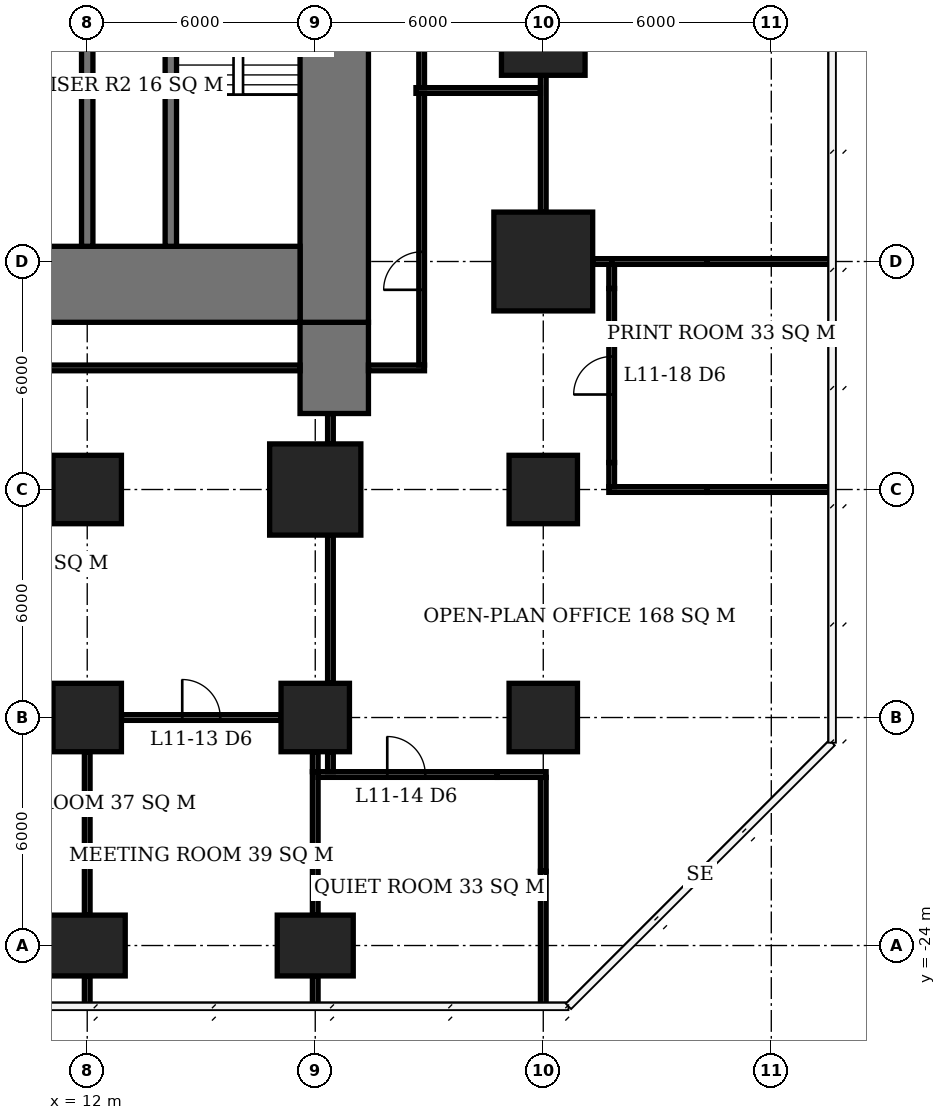
"""IFC4 building model, lengths in metres.
Left out: names, types, materials, properties, quantities, classifications, styles, units other than length and angle.
Written with IfcOpenShell. Run it as: python <this file> out.ifc"""

import sys

from ifc_helpers import new_model, si_unit, direction, frame, frame_2d, origin, origin_2d, place, context, subcontext, project, spatial, rectangle, extrude, element, fill, save


model = new_model("IFC4")
c1 = context("Model", 3, precision=1e-05, world=origin(), true_north=direction((0.0, 1.0)))
c2 = subcontext(c1, "Body", "Model", "MODEL_VIEW")
j1 = project(units=[si_unit("LENGTHUNIT", "METRE"), si_unit("PLANEANGLEUNIT", "RADIAN")], contexts=[c1])
p1 = place(None, origin())
s1 = spatial("IfcSite", under=j1, at=p1, CompositionType="ELEMENT")
p2 = place(p1, origin())
s2 = spatial("IfcBuilding", under=s1, at=p2, CompositionType="ELEMENT")
p3 = place(p2, frame((0.0, 0.0, 49.4)))
s3 = spatial("IfcBuildingStorey", under=s2, at=p3, CompositionType="ELEMENT", Elevation=49.4)
p4 = place(p3, frame((12.0, -24.0, 0.0), z_axis=(0.0, 0.0, 1.0), x_axis=(1.0, 0.0, 0.0)))
e1 = element("IfcColumn", 1, at=p4, inside=s3, PredefinedType="COLUMN", context=c2, shape_type="SweptSolid", body=[
    extrude(rectangle(XDim=2.0, YDim=1.6, at=origin_2d()), origin(), (0.0, 0.0, 1.0), 3.9),
])
for number, where, z_axis, x_axis in (
    (2, (12.0, -18.0, 0.0), (0.0, 0.0, 1.0), (1.0, 0.0, 0.0)),
    (3, (12.0, -12.0, 0.0), (0.0, 0.0, 1.0), (1.0, 0.0, 0.0)),
):
    element("IfcColumn", number, at=place(p3, frame(where, z_axis=z_axis, x_axis=x_axis)), inside=s3, PredefinedType="COLUMN", context=c2, shape_type="SweptSolid", body=[
        extrude(rectangle(XDim=1.8, YDim=1.8, at=origin_2d()), origin(), (0.0, 0.0, 1.0), 3.9),
    ])
p5 = place(p3, frame((18.0, -24.0, 0.0), z_axis=(0.0, 0.0, 1.0), x_axis=(1.0, 0.0, 0.0)))
e4 = element("IfcColumn", 4, at=p5, inside=s3, PredefinedType="COLUMN", context=c2, shape_type="SweptSolid", body=[
    extrude(rectangle(XDim=2.0, YDim=1.6, at=origin_2d()), origin(), (0.0, 0.0, 1.0), 3.9),
])
p6 = place(p3, frame((18.0, -18.0, 0.0), z_axis=(0.0, 0.0, 1.0), x_axis=(1.0, 0.0, 0.0)))
e5 = element("IfcColumn", 5, at=p6, inside=s3, PredefinedType="COLUMN", context=c2, shape_type="SweptSolid", body=[
    extrude(rectangle(XDim=1.8, YDim=1.8, at=origin_2d()), origin(), (0.0, 0.0, 1.0), 3.9),
])
p7 = place(p3, frame((18.0, -12.0, 0.0), z_axis=(0.0, 0.0, 1.0), x_axis=(1.0, 0.0, 0.0)))
e6 = element("IfcColumn", 6, at=p7, inside=s3, PredefinedType="COLUMN", context=c2, shape_type="SweptSolid", body=[
    extrude(rectangle(XDim=2.4, YDim=2.4, at=origin_2d()), origin(), (0.0, 0.0, 1.0), 3.9),
])
for number, where, z_axis, x_axis in (
    (7, (24.0, -18.0, 0.0), (0.0, 0.0, 1.0), (1.0, 0.0, 0.0)),
    (8, (24.0, -12.0, 0.0), (0.0, 0.0, 1.0), (1.0, 0.0, 0.0)),
):
    element("IfcColumn", number, at=place(p3, frame(where, z_axis=z_axis, x_axis=x_axis)), inside=s3, PredefinedType="COLUMN", context=c2, shape_type="SweptSolid", body=[
        extrude(rectangle(XDim=1.8, YDim=1.8, at=origin_2d()), origin(), (0.0, 0.0, 1.0), 3.9),
    ])
p8 = place(p3, frame((24.0, -6.0, 0.0), z_axis=(0.0, 0.0, 1.0), x_axis=(1.0, 0.0, 0.0)))
e9 = element("IfcColumn", 9, at=p8, inside=s3, PredefinedType="COLUMN", context=c2, shape_type="SweptSolid", body=[
    extrude(rectangle(XDim=2.6, YDim=2.6, at=origin_2d()), origin(), (0.0, 0.0, 1.0), 3.9),
])
p9 = place(p3, frame((24.0, 0.0, 0.0), z_axis=(0.0, 0.0, 1.0), x_axis=(1.0, 0.0, 0.0)))
e10 = element("IfcColumn", 10, at=p9, inside=s3, PredefinedType="COLUMN", context=c2, shape_type="SweptSolid", body=[
    extrude(rectangle(XDim=2.2, YDim=2.2, at=origin_2d()), origin(), (0.0, 0.0, 1.0), 3.9),
])
p10 = place(p3, frame((-5.6, -6.6, 0.0), z_axis=(0.0, 0.0, 1.0), x_axis=(1.0, 0.0, 0.0)))
e11 = element("IfcWall", 11, at=p10, inside=s3, PredefinedType="SHEAR", context=c2, shape_type="SweptSolid", body=[
    extrude(rectangle(XDim=23.2, YDim=2.0, at=frame_2d((11.6, 0.0))), origin(), (0.0, 0.0, 1.0), 3.9),
])
p11 = place(p3, frame((18.5, -7.6, 0.0), z_axis=(0.0, 0.0, 1.0), x_axis=(0.0, 1.0, 0.0)))
e12 = element("IfcWall", 12, at=p11, inside=s3, PredefinedType="SHEAR", context=c2, shape_type="SweptSolid", body=[
    extrude(rectangle(XDim=21.2, YDim=1.8, at=frame_2d((10.6, 0.0))), origin(), (0.0, 0.0, 1.0), 3.9),
])
p12 = place(p11, frame((9.2, 0.0, 0.0)))
e13 = element("IfcOpeningElement", 13, at=p12, cuts=e12, PredefinedType="OPENING", context=c2, shape_type="SweptSolid", body=[
    extrude(rectangle(XDim=1.8, YDim=2.4, at=frame_2d((0.9, 1.2))), frame((0.0, 0.91, 0.0), z_axis=(0.0, -1.0, 0.0), x_axis=(1.0, 0.0, 0.0)), (0.0, 0.0, 1.0), 1.82),
])
p13 = place(p3, frame((18.5, -10.0, 0.0), z_axis=(0.0, 0.0, 1.0), x_axis=(0.0, 1.0, 0.0)))
e14 = element("IfcWall", 14, at=p13, inside=s3, PredefinedType="SHEAR", context=c2, shape_type="SweptSolid", body=[
    extrude(rectangle(XDim=2.4, YDim=1.8, at=frame_2d((1.2, 0.0))), origin(), (0.0, 0.0, 1.0), 3.9),
])
p14 = place(p3, frame((12.0, -5.6, 0.0), z_axis=(0.0, 0.0, 1.0), x_axis=(0.0, 1.0, 0.0)))
e15 = element("IfcWall", 15, at=p14, inside=s3, PredefinedType="SHEAR", context=c2, shape_type="SweptSolid", body=[
    extrude(rectangle(XDim=5.45, YDim=0.3, at=frame_2d((2.725, 0.0))), origin(), (0.0, 0.0, 1.0), 3.9),
])
p15 = place(p3, frame((14.2, -5.6, 0.0), z_axis=(0.0, 0.0, 1.0), x_axis=(0.0, 1.0, 0.0)))
e16 = element("IfcWall", 16, at=p15, inside=s3, PredefinedType="SHEAR", context=c2, shape_type="SweptSolid", body=[
    extrude(rectangle(XDim=8.45, YDim=0.3, at=frame_2d((4.225, 0.0))), origin(), (0.0, 0.0, 1.0), 3.9),
])
p16 = place(p3, frame((18.075, -19.5, 0.0), z_axis=(0.0, 0.0, 1.0), x_axis=(1.0, 0.0, 0.0)))
e17 = element("IfcWall", 17, at=p16, inside=s3, PredefinedType="PARTITIONING", context=c2, shape_type="SweptSolid", body=[
    extrude(rectangle(XDim=4.715, YDim=0.15, at=frame_2d((2.357, 0.0))), origin(), (0.0, 0.0, 1.0), 3.65),
])
p17 = place(p16, frame((1.82, 0.0, 0.0)))
e18 = element("IfcOpeningElement", 18, at=p17, cuts=e17, PredefinedType="OPENING", context=c2, shape_type="SweptSolid", body=[
    extrude(rectangle(XDim=1.0, YDim=2.1, at=frame_2d((0.5, 1.05))), frame((0.0, 0.085, 0.0), z_axis=(0.0, -1.0, 0.0), x_axis=(1.0, 0.0, 0.0)), (0.0, 0.0, 1.0), 0.17),
])
p18 = place(p3, frame((22.79, -19.5, 0.0), z_axis=(0.0, 0.0, 1.0), x_axis=(1.0, 0.0, 0.0)))
e19 = element("IfcWall", 19, at=p18, inside=s3, PredefinedType="PARTITIONING", context=c2, shape_type="SweptSolid", body=[
    extrude(rectangle(XDim=1.285, YDim=0.15, at=frame_2d((0.643, 0.0))), origin(), (0.0, 0.0, 1.0), 2.65),
])
p19 = place(p3, frame((6.9, -18.6, 0.0), z_axis=(0.0, 0.0, 1.0), x_axis=(1.0, 0.0, 0.0)))
e20 = element("IfcWall", 20, at=p19, inside=s3, PredefinedType="PARTITIONING", context=c2, shape_type="SweptSolid", body=[
    extrude(rectangle(XDim=4.2, YDim=0.15, at=frame_2d((2.1, 0.0))), origin(), (0.0, 0.0, 1.0), 3.65),
])
p20 = place(p19, frame((1.6, 0.0, 0.0)))
e21 = element("IfcOpeningElement", 21, at=p20, cuts=e20, PredefinedType="OPENING", context=c2, shape_type="SweptSolid", body=[
    extrude(rectangle(XDim=1.0, YDim=2.1, at=frame_2d((0.5, 1.05))), frame((0.0, 0.085, 0.0), z_axis=(0.0, -1.0, 0.0), x_axis=(1.0, 0.0, 0.0)), (0.0, 0.0, 1.0), 0.17),
])
p21 = place(p3, frame((12.9, -18.0, 0.0), z_axis=(0.0, 0.0, 1.0), x_axis=(1.0, 0.0, 0.0)))
e22 = element("IfcWall", 22, at=p21, inside=s3, PredefinedType="PARTITIONING", context=c2, shape_type="SweptSolid", body=[
    extrude(rectangle(XDim=4.2, YDim=0.15, at=frame_2d((2.1, 0.0))), origin(), (0.0, 0.0, 1.0), 3.65),
])
p22 = place(p21, frame((1.6, 0.0, 0.0)))
e23 = element("IfcOpeningElement", 23, at=p22, cuts=e22, PredefinedType="OPENING", context=c2, shape_type="SweptSolid", body=[
    extrude(rectangle(XDim=1.0, YDim=2.1, at=frame_2d((0.5, 1.05))), frame((0.0, 0.085, 0.0), z_axis=(0.0, -1.0, 0.0), x_axis=(1.0, 0.0, 0.0)), (0.0, 0.0, 1.0), 0.17),
])
p23 = place(p3, frame((25.725, -12.0, 0.0), z_axis=(0.0, 0.0, 1.0), x_axis=(1.0, 0.0, 0.0)))
e24 = element("IfcWall", 24, at=p23, inside=s3, PredefinedType="PARTITIONING", context=c2, shape_type="SweptSolid", body=[
    extrude(rectangle(XDim=2.585, YDim=0.15, at=frame_2d((1.292, 0.0))), origin(), (0.0, 0.0, 1.0), 2.65),
])
p24 = place(p3, frame((28.31, -12.0, 0.0), z_axis=(0.0, 0.0, 1.0), x_axis=(1.0, 0.0, 0.0)))
e25 = element("IfcWall", 25, at=p24, inside=s3, PredefinedType="PARTITIONING", context=c2, shape_type="SweptSolid", body=[
    extrude(rectangle(XDim=3.29, YDim=0.15, at=frame_2d((1.645, 0.0))), origin(), (0.0, 0.0, 1.0), 3.65),
])
p25 = place(p3, frame((25.3, -6.0, 0.0), z_axis=(0.0, 0.0, 1.0), x_axis=(1.0, 0.0, 0.0)))
e26 = element("IfcWall", 26, at=p25, inside=s3, PredefinedType="PARTITIONING", context=c2, shape_type="SweptSolid", body=[
    extrude(rectangle(XDim=0.575, YDim=0.15, at=frame_2d((0.288, 0.0))), origin(), (0.0, 0.0, 1.0), 2.65),
])
p26 = place(p3, frame((25.8, -6.0, 0.0), z_axis=(0.0, 0.0, 1.0), x_axis=(1.0, 0.0, 0.0)))
e27 = element("IfcWall", 27, at=p26, inside=s3, PredefinedType="PARTITIONING", context=c2, shape_type="SweptSolid", body=[
    extrude(rectangle(XDim=2.51, YDim=0.15, at=frame_2d((1.255, 0.0))), origin(), (0.0, 0.0, 1.0), 2.65),
])
p27 = place(p3, frame((28.31, -6.0, 0.0), z_axis=(0.0, 0.0, 1.0), x_axis=(1.0, 0.0, 0.0)))
e28 = element("IfcWall", 28, at=p27, inside=s3, PredefinedType="PARTITIONING", context=c2, shape_type="SweptSolid", body=[
    extrude(rectangle(XDim=3.29, YDim=0.15, at=frame_2d((1.645, 0.0))), origin(), (0.0, 0.0, 1.0), 3.65),
])
p28 = place(p3, frame((12.0, -25.6, 0.0), z_axis=(0.0, 0.0, 1.0), x_axis=(0.0, 1.0, 0.0)))
e29 = element("IfcWall", 29, at=p28, inside=s3, PredefinedType="PARTITIONING", context=c2, shape_type="SweptSolid", body=[
    extrude(rectangle(XDim=0.8, YDim=0.15, at=frame_2d((0.4, 0.0))), origin(), (0.0, 0.0, 1.0), 3.65),
])
p29 = place(p3, frame((12.0, -23.2, 0.0), z_axis=(0.0, 0.0, 1.0), x_axis=(0.0, 1.0, 0.0)))
e30 = element("IfcWall", 30, at=p29, inside=s3, PredefinedType="PARTITIONING", context=c2, shape_type="SweptSolid", body=[
    extrude(rectangle(XDim=4.3, YDim=0.15, at=frame_2d((2.15, 0.0))), origin(), (0.0, 0.0, 1.0), 3.65),
])
p30 = place(p3, frame((18.0, -25.6, 0.0), z_axis=(0.0, 0.0, 1.0), x_axis=(0.0, 1.0, 0.0)))
e31 = element("IfcWall", 31, at=p30, inside=s3, PredefinedType="PARTITIONING", context=c2, shape_type="SweptSolid", body=[
    extrude(rectangle(XDim=0.8, YDim=0.15, at=frame_2d((0.4, 0.0))), origin(), (0.0, 0.0, 1.0), 3.65),
])
p31 = place(p3, frame((18.0, -23.2, 0.0), z_axis=(0.0, 0.0, 1.0), x_axis=(0.0, 1.0, 0.0)))
e32 = element("IfcWall", 32, at=p31, inside=s3, PredefinedType="PARTITIONING", context=c2, shape_type="SweptSolid", body=[
    extrude(rectangle(XDim=3.775, YDim=0.15, at=frame_2d((1.887, 0.0))), origin(), (0.0, 0.0, 1.0), 3.65),
])
p32 = place(p3, frame((18.0, -19.425, 0.0), z_axis=(0.0, 0.0, 1.0), x_axis=(0.0, 1.0, 0.0)))
e33 = element("IfcWall", 33, at=p32, inside=s3, PredefinedType="PARTITIONING", context=c2, shape_type="SweptSolid", body=[
    extrude(rectangle(XDim=0.525, YDim=0.15, at=frame_2d((0.263, 0.0))), origin(), (0.0, 0.0, 1.0), 3.65),
])
p33 = place(p3, frame((24.0, -25.6, 0.0), z_axis=(0.0, 0.0, 1.0), x_axis=(0.0, 1.0, 0.0)))
e34 = element("IfcWall", 34, at=p33, inside=s3, PredefinedType="PARTITIONING", context=c2, shape_type="SweptSolid", body=[
    extrude(rectangle(XDim=3.555, YDim=0.15, at=frame_2d((1.778, 0.0))), origin(), (0.0, 0.0, 1.0), 3.65),
])
p34 = place(p3, frame((24.0, -22.045, 0.0), z_axis=(0.0, 0.0, 1.0), x_axis=(0.0, 1.0, 0.0)))
e35 = element("IfcWall", 35, at=p34, inside=s3, PredefinedType="PARTITIONING", context=c2, shape_type="SweptSolid", body=[
    extrude(rectangle(XDim=2.47, YDim=0.15, at=frame_2d((1.235, 0.0))), origin(), (0.0, 0.0, 1.0), 2.65),
])
p35 = place(p3, frame((24.0, -4.7, 0.0), z_axis=(0.0, 0.0, 1.0), x_axis=(0.0, 1.0, 0.0)))
e36 = element("IfcWall", 36, at=p35, inside=s3, PredefinedType="PARTITIONING", context=c2, shape_type="SweptSolid", body=[
    extrude(rectangle(XDim=3.6, YDim=0.15, at=frame_2d((1.8, 0.0))), origin(), (0.0, 0.0, 1.0), 3.65),
])
p36 = place(p3, frame((25.8, -11.925, 0.0), z_axis=(0.0, 0.0, 1.0), x_axis=(0.0, 1.0, 0.0)))
e37 = element("IfcWall", 37, at=p36, inside=s3, PredefinedType="PARTITIONING", context=c2, shape_type="SweptSolid", body=[
    extrude(rectangle(XDim=0.635, YDim=0.15, at=frame_2d((0.317, 0.0))), origin(), (0.0, 0.0, 1.0), 2.65),
])
p37 = place(p3, frame((25.8, -11.29, 0.0), z_axis=(0.0, 0.0, 1.0), x_axis=(0.0, 1.0, 0.0)))
e38 = element("IfcWall", 38, at=p37, inside=s3, PredefinedType="PARTITIONING", context=c2, shape_type="SweptSolid", body=[
    extrude(rectangle(XDim=4.58, YDim=0.15, at=frame_2d((2.29, 0.0))), origin(), (0.0, 0.0, 1.0), 3.65),
])
p38 = place(p37, frame((1.79, 0.0, 0.0)))
e39 = element("IfcOpeningElement", 39, at=p38, cuts=e38, PredefinedType="OPENING", context=c2, shape_type="SweptSolid", body=[
    extrude(rectangle(XDim=1.0, YDim=2.1, at=frame_2d((0.5, 1.05))), frame((0.0, 0.085, 0.0), z_axis=(0.0, -1.0, 0.0), x_axis=(1.0, 0.0, 0.0)), (0.0, 0.0, 1.0), 0.17),
])
p39 = place(p3, frame((25.8, -6.71, 0.0), z_axis=(0.0, 0.0, 1.0), x_axis=(0.0, 1.0, 0.0)))
e40 = element("IfcWall", 40, at=p39, inside=s3, PredefinedType="PARTITIONING", context=c2, shape_type="SweptSolid", body=[
    extrude(rectangle(XDim=0.635, YDim=0.15, at=frame_2d((0.317, 0.0))), origin(), (0.0, 0.0, 1.0), 2.65),
])
p40 = place(p3, frame((-1.425, -8.8, 0.0), z_axis=(0.0, 0.0, 1.0), x_axis=(1.0, 0.0, 0.0)))
e41 = element("IfcWall", 41, at=p40, inside=s3, PredefinedType="PARTITIONING", context=c2, shape_type="SweptSolid", body=[
    extrude(rectangle(XDim=19.025, YDim=0.15, at=frame_2d((9.513, 0.0))), origin(), (0.0, 0.0, 1.0), 3.65),
])
p41 = place(p40, frame((6.11, 0.0, 0.0)))
e42 = element("IfcOpeningElement", 42, at=p41, cuts=e41, PredefinedType="OPENING", context=c2, shape_type="SweptSolid", body=[
    extrude(rectangle(XDim=1.0, YDim=2.1, at=frame_2d((0.5, 1.05))), frame((0.0, 0.085, 0.0), z_axis=(0.0, -1.0, 0.0), x_axis=(1.0, 0.0, 0.0)), (0.0, 0.0, 1.0), 0.17),
])
p42 = place(p3, frame((18.4, -19.425, 0.0), z_axis=(0.0, 0.0, 1.0), x_axis=(0.0, 1.0, 0.0)))
e43 = element("IfcWall", 43, at=p42, inside=s3, PredefinedType="PARTITIONING", context=c2, shape_type="SweptSolid", body=[
    extrude(rectangle(XDim=0.525, YDim=0.15, at=frame_2d((0.263, 0.0))), origin(), (0.0, 0.0, 1.0), 3.65),
])
p43 = place(p3, frame((18.4, -17.1, 0.0), z_axis=(0.0, 0.0, 1.0), x_axis=(0.0, 1.0, 0.0)))
e44 = element("IfcWall", 44, at=p43, inside=s3, PredefinedType="PARTITIONING", context=c2, shape_type="SweptSolid", body=[
    extrude(rectangle(XDim=3.9, YDim=0.15, at=frame_2d((1.95, 0.0))), origin(), (0.0, 0.0, 1.0), 3.65),
])
p44 = place(p3, frame((18.4, -10.8, 0.0), z_axis=(0.0, 0.0, 1.0), x_axis=(0.0, 1.0, 0.0)))
e45 = element("IfcWall", 45, at=p44, inside=s3, PredefinedType="PARTITIONING", context=c2, shape_type="SweptSolid", body=[
    extrude(rectangle(XDim=0.8, YDim=0.15, at=frame_2d((0.4, 0.0))), origin(), (0.0, 0.0, 1.0), 3.65),
])
p45 = place(p3, frame((19.4, -8.8, 0.0), z_axis=(0.0, 0.0, 1.0), x_axis=(1.0, 0.0, 0.0)))
e46 = element("IfcWall", 46, at=p45, inside=s3, PredefinedType="PARTITIONING", context=c2, shape_type="SweptSolid", body=[
    extrude(rectangle(XDim=1.475, YDim=0.15, at=frame_2d((0.738, 0.0))), origin(), (0.0, 0.0, 1.0), 3.65),
])
p46 = place(p3, frame((20.8, -8.725, 0.0), z_axis=(0.0, 0.0, 1.0), x_axis=(0.0, 1.0, 0.0)))
e47 = element("IfcWall", 47, at=p46, inside=s3, PredefinedType="PARTITIONING", context=c2, shape_type="SweptSolid", body=[
    extrude(rectangle(XDim=7.15, YDim=0.15, at=frame_2d((3.575, 0.0))), origin(), (0.0, 0.0, 1.0), 3.65),
])
p47 = place(p46, frame((1.98, 0.0, 0.0)))
e48 = element("IfcOpeningElement", 48, at=p47, cuts=e47, PredefinedType="OPENING", context=c2, shape_type="SweptSolid", body=[
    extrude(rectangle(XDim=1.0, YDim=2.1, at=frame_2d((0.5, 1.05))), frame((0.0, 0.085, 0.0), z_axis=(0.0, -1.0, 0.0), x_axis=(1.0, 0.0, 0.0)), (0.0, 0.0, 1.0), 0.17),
----
Copy each line above that contains the string "IfcOpeningElement".

e13 = element("IfcOpeningElement", 13, at=p12, cuts=e12, PredefinedType="OPENING", context=c2, shape_type="SweptSolid", body=[
e18 = element("IfcOpeningElement", 18, at=p17, cuts=e17, PredefinedType="OPENING", context=c2, shape_type="SweptSolid", body=[
e21 = element("IfcOpeningElement", 21, at=p20, cuts=e20, PredefinedType="OPENING", context=c2, shape_type="SweptSolid", body=[
e23 = element("IfcOpeningElement", 23, at=p22, cuts=e22, PredefinedType="OPENING", context=c2, shape_type="SweptSolid", body=[
e39 = element("IfcOpeningElement", 39, at=p38, cuts=e38, PredefinedType="OPENING", context=c2, shape_type="SweptSolid", body=[
e42 = element("IfcOpeningElement", 42, at=p41, cuts=e41, PredefinedType="OPENING", context=c2, shape_type="SweptSolid", body=[
e48 = element("IfcOpeningElement", 48, at=p47, cuts=e47, PredefinedType="OPENING", context=c2, shape_type="SweptSolid", body=[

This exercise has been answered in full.